• **Data**
======
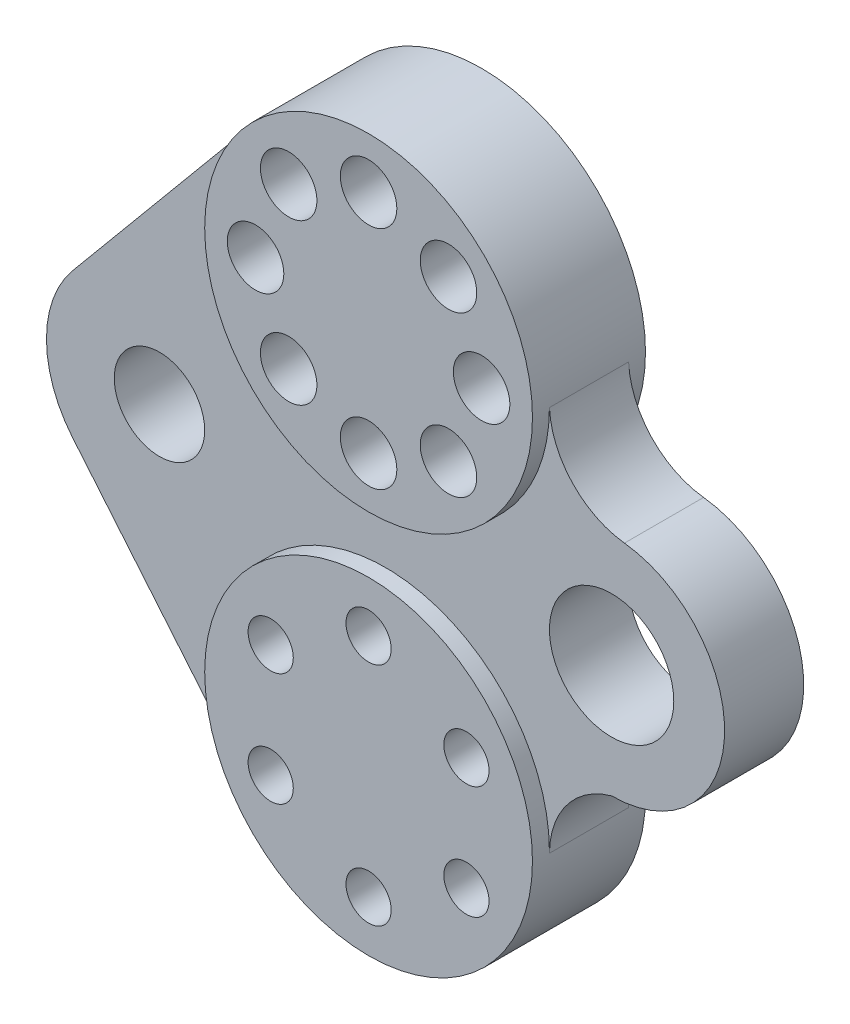
ISO-10303-21;
HEADER;
FILE_DESCRIPTION(('STEP AP214'),'2;1');
FILE_NAME('part.step','',(''),(''),'','','');
FILE_SCHEMA(('AUTOMOTIVE_DESIGN { 1 0 10303 214 1 1 1 1 }'));
ENDSEC;
DATA;
#1=APPLICATION_CONTEXT('core data for automotive mechanical design processes');
#2=APPLICATION_PROTOCOL_DEFINITION('international standard','automotive_design',2000,#1);
#3=PRODUCT_CONTEXT('',#1,'mechanical');
#4=PRODUCT('Part','Part','',(#3));
#5=PRODUCT_RELATED_PRODUCT_CATEGORY('part','',(#4));
#6=PRODUCT_DEFINITION_FORMATION('','',#4);
#7=PRODUCT_DEFINITION_CONTEXT('part definition',#1,'design');
#8=PRODUCT_DEFINITION('design','',#6,#7);
#9=PRODUCT_DEFINITION_SHAPE('','',#8);
#10=(LENGTH_UNIT() NAMED_UNIT(*) SI_UNIT(.MILLI.,.METRE.));
#11=(NAMED_UNIT(*) PLANE_ANGLE_UNIT() SI_UNIT($,.RADIAN.));
#12=(NAMED_UNIT(*) SI_UNIT($,.STERADIAN.) SOLID_ANGLE_UNIT());
#13=UNCERTAINTY_MEASURE_WITH_UNIT(LENGTH_MEASURE(1.E-05),#10,'distance_accuracy_value','');
#14=(GEOMETRIC_REPRESENTATION_CONTEXT(3) GLOBAL_UNCERTAINTY_ASSIGNED_CONTEXT((#13)) GLOBAL_UNIT_ASSIGNED_CONTEXT((#10,
#11,#12)) REPRESENTATION_CONTEXT('',''));
#15=CARTESIAN_POINT('',(0.,0.,0.));
#16=DIRECTION('',(0.,0.,1.));
#17=DIRECTION('',(1.,0.,0.));
#18=AXIS2_PLACEMENT_3D('',#15,#16,#17);
#19=CARTESIAN_POINT('',(0.,20.,10.));
#20=DIRECTION('',(0.,0.,-1.));
#21=DIRECTION('',(-1.,0.,0.));
#22=AXIS2_PLACEMENT_3D('',#19,#20,#21);
#23=CYLINDRICAL_SURFACE('',#22,5.);
#24=CARTESIAN_POINT('',(0.,20.,10.));
#25=DIRECTION('',(0.,0.,1.));
#26=DIRECTION('',(1.,0.,0.));
#27=AXIS2_PLACEMENT_3D('',#24,#25,#26);
#28=CIRCLE('',#27,5.);
#29=CARTESIAN_POINT('',(5.,20.,10.));
#30=VERTEX_POINT('',#29);
#31=EDGE_CURVE('E57',#30,#30,#28,.T.);
#32=ORIENTED_EDGE('',*,*,#31,.T.);
#33=EDGE_LOOP('',(#32));
#34=FACE_BOUND('',#33,.T.);
#35=CARTESIAN_POINT('',(0.,20.,-10.));
#36=DIRECTION('',(0.,0.,1.));
#37=DIRECTION('',(1.,0.,0.));
#38=AXIS2_PLACEMENT_3D('',#35,#36,#37);
#39=CIRCLE('',#38,5.);
#40=CARTESIAN_POINT('',(5.,20.,-10.));
#41=VERTEX_POINT('',#40);
#42=EDGE_CURVE('E213',#41,#41,#39,.T.);
#43=ORIENTED_EDGE('',*,*,#42,.F.);
#44=EDGE_LOOP('',(#43));
#45=FACE_BOUND('',#44,.T.);
#46=ADVANCED_FACE('F50',(#34,#45),#23,.F.);
#47=CARTESIAN_POINT('',(14.142135623731,14.1421356237309,10.));
#48=DIRECTION('',(0.,0.,-1.));
#49=DIRECTION('',(-1.,0.,0.));
#50=AXIS2_PLACEMENT_3D('',#47,#48,#49);
#51=CYLINDRICAL_SURFACE('',#50,5.);
#52=CARTESIAN_POINT('',(14.142135623731,14.1421356237309,10.));
#53=DIRECTION('',(0.,0.,1.));
#54=DIRECTION('',(1.,0.,0.));
#55=AXIS2_PLACEMENT_3D('',#52,#53,#54);
#56=CIRCLE('',#55,5.);
#57=CARTESIAN_POINT('',(19.142135623731,14.1421356237309,10.));
#58=VERTEX_POINT('',#57);
#59=EDGE_CURVE('E186',#58,#58,#56,.T.);
#60=ORIENTED_EDGE('',*,*,#59,.T.);
#61=EDGE_LOOP('',(#60));
#62=FACE_BOUND('',#61,.T.);
#63=CARTESIAN_POINT('',(14.142135623731,14.1421356237309,-10.));
#64=DIRECTION('',(0.,0.,1.));
#65=DIRECTION('',(1.,0.,0.));
#66=AXIS2_PLACEMENT_3D('',#63,#64,#65);
#67=CIRCLE('',#66,5.);
#68=CARTESIAN_POINT('',(19.142135623731,14.1421356237309,-10.));
#69=VERTEX_POINT('',#68);
#70=EDGE_CURVE('E211',#69,#69,#67,.T.);
#71=ORIENTED_EDGE('',*,*,#70,.F.);
#72=EDGE_LOOP('',(#71));
#73=FACE_BOUND('',#72,.T.);
#74=ADVANCED_FACE('F239',(#62,#73),#51,.F.);
#75=CARTESIAN_POINT('',(20.,0.,10.));
#76=DIRECTION('',(0.,0.,-1.));
#77=DIRECTION('',(-1.,0.,0.));
#78=AXIS2_PLACEMENT_3D('',#75,#76,#77);
#79=CYLINDRICAL_SURFACE('',#78,5.);
#80=CARTESIAN_POINT('',(20.,0.,10.));
#81=DIRECTION('',(0.,0.,1.));
#82=DIRECTION('',(1.,0.,0.));
#83=AXIS2_PLACEMENT_3D('',#80,#81,#82);
#84=CIRCLE('',#83,5.);
#85=CARTESIAN_POINT('',(25.,0.,10.));
#86=VERTEX_POINT('',#85);
#87=EDGE_CURVE('E187',#86,#86,#84,.T.);
#88=ORIENTED_EDGE('',*,*,#87,.T.);
#89=EDGE_LOOP('',(#88));
#90=FACE_BOUND('',#89,.T.);
#91=CARTESIAN_POINT('',(20.,0.,-10.));
#92=DIRECTION('',(0.,0.,1.));
#93=DIRECTION('',(1.,0.,0.));
#94=AXIS2_PLACEMENT_3D('',#91,#92,#93);
#95=CIRCLE('',#94,5.);
#96=CARTESIAN_POINT('',(25.,0.,-10.));
#97=VERTEX_POINT('',#96);
#98=EDGE_CURVE('E208',#97,#97,#95,.T.);
#99=ORIENTED_EDGE('',*,*,#98,.F.);
#100=EDGE_LOOP('',(#99));
#101=FACE_BOUND('',#100,.T.);
#102=ADVANCED_FACE('F243',(#90,#101),#79,.F.);
#103=CARTESIAN_POINT('',(14.1421356237305,-14.1421356237305,10.));
#104=DIRECTION('',(0.,0.,-1.));
#105=DIRECTION('',(-1.,0.,0.));
#106=AXIS2_PLACEMENT_3D('',#103,#104,#105);
#107=CYLINDRICAL_SURFACE('',#106,5.00000000000027);
#108=CARTESIAN_POINT('',(14.1421356237305,-14.1421356237305,10.));
#109=DIRECTION('',(0.,0.,1.));
#110=DIRECTION('',(1.,0.,0.));
#111=AXIS2_PLACEMENT_3D('',#108,#109,#110);
#112=CIRCLE('',#111,5.00000000000027);
#113=CARTESIAN_POINT('',(19.1421356237308,-14.1421356237305,10.));
#114=VERTEX_POINT('',#113);
#115=EDGE_CURVE('E181',#114,#114,#112,.T.);
#116=ORIENTED_EDGE('',*,*,#115,.T.);
#117=EDGE_LOOP('',(#116));
#118=FACE_BOUND('',#117,.T.);
#119=CARTESIAN_POINT('',(14.1421356237305,-14.1421356237305,-10.));
#120=DIRECTION('',(0.,0.,1.));
#121=DIRECTION('',(1.,0.,0.));
#122=AXIS2_PLACEMENT_3D('',#119,#120,#121);
#123=CIRCLE('',#122,5.00000000000027);
#124=CARTESIAN_POINT('',(19.1421356237308,-14.1421356237305,-10.));
#125=VERTEX_POINT('',#124);
#126=EDGE_CURVE('E202',#125,#125,#123,.T.);
#127=ORIENTED_EDGE('',*,*,#126,.F.);
#128=EDGE_LOOP('',(#127));
#129=FACE_BOUND('',#128,.T.);
#130=ADVANCED_FACE('F252',(#118,#129),#107,.F.);
#131=CARTESIAN_POINT('',(-2.39579325769986E-13,-19.9999999999994,10.));
#132=DIRECTION('',(0.,0.,-1.));
#133=DIRECTION('',(-1.,0.,0.));
#134=AXIS2_PLACEMENT_3D('',#131,#132,#133);
#135=CYLINDRICAL_SURFACE('',#134,5.00000000000008);
#136=CARTESIAN_POINT('',(-2.39579325769986E-13,-19.9999999999994,10.));
#137=DIRECTION('',(0.,0.,1.));
#138=DIRECTION('',(1.,0.,0.));
#139=AXIS2_PLACEMENT_3D('',#136,#137,#138);
#140=CIRCLE('',#139,5.00000000000008);
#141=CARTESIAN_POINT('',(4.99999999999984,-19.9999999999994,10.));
======
• **What is expected**
Given the data above, transcribe exactly the lines from the one containing "#134=AXIS2_PLACEMENT_3D('',#131,#132,#133);" down to the one containing "#140=CIRCLE('',#139,5.00000000000008);", and no others.

• **Task response**
#134=AXIS2_PLACEMENT_3D('',#131,#132,#133);
#135=CYLINDRICAL_SURFACE('',#134,5.00000000000008);
#136=CARTESIAN_POINT('',(-2.39579325769986E-13,-19.9999999999994,10.));
#137=DIRECTION('',(0.,0.,1.));
#138=DIRECTION('',(1.,0.,0.));
#139=AXIS2_PLACEMENT_3D('',#136,#137,#138);
#140=CIRCLE('',#139,5.00000000000008);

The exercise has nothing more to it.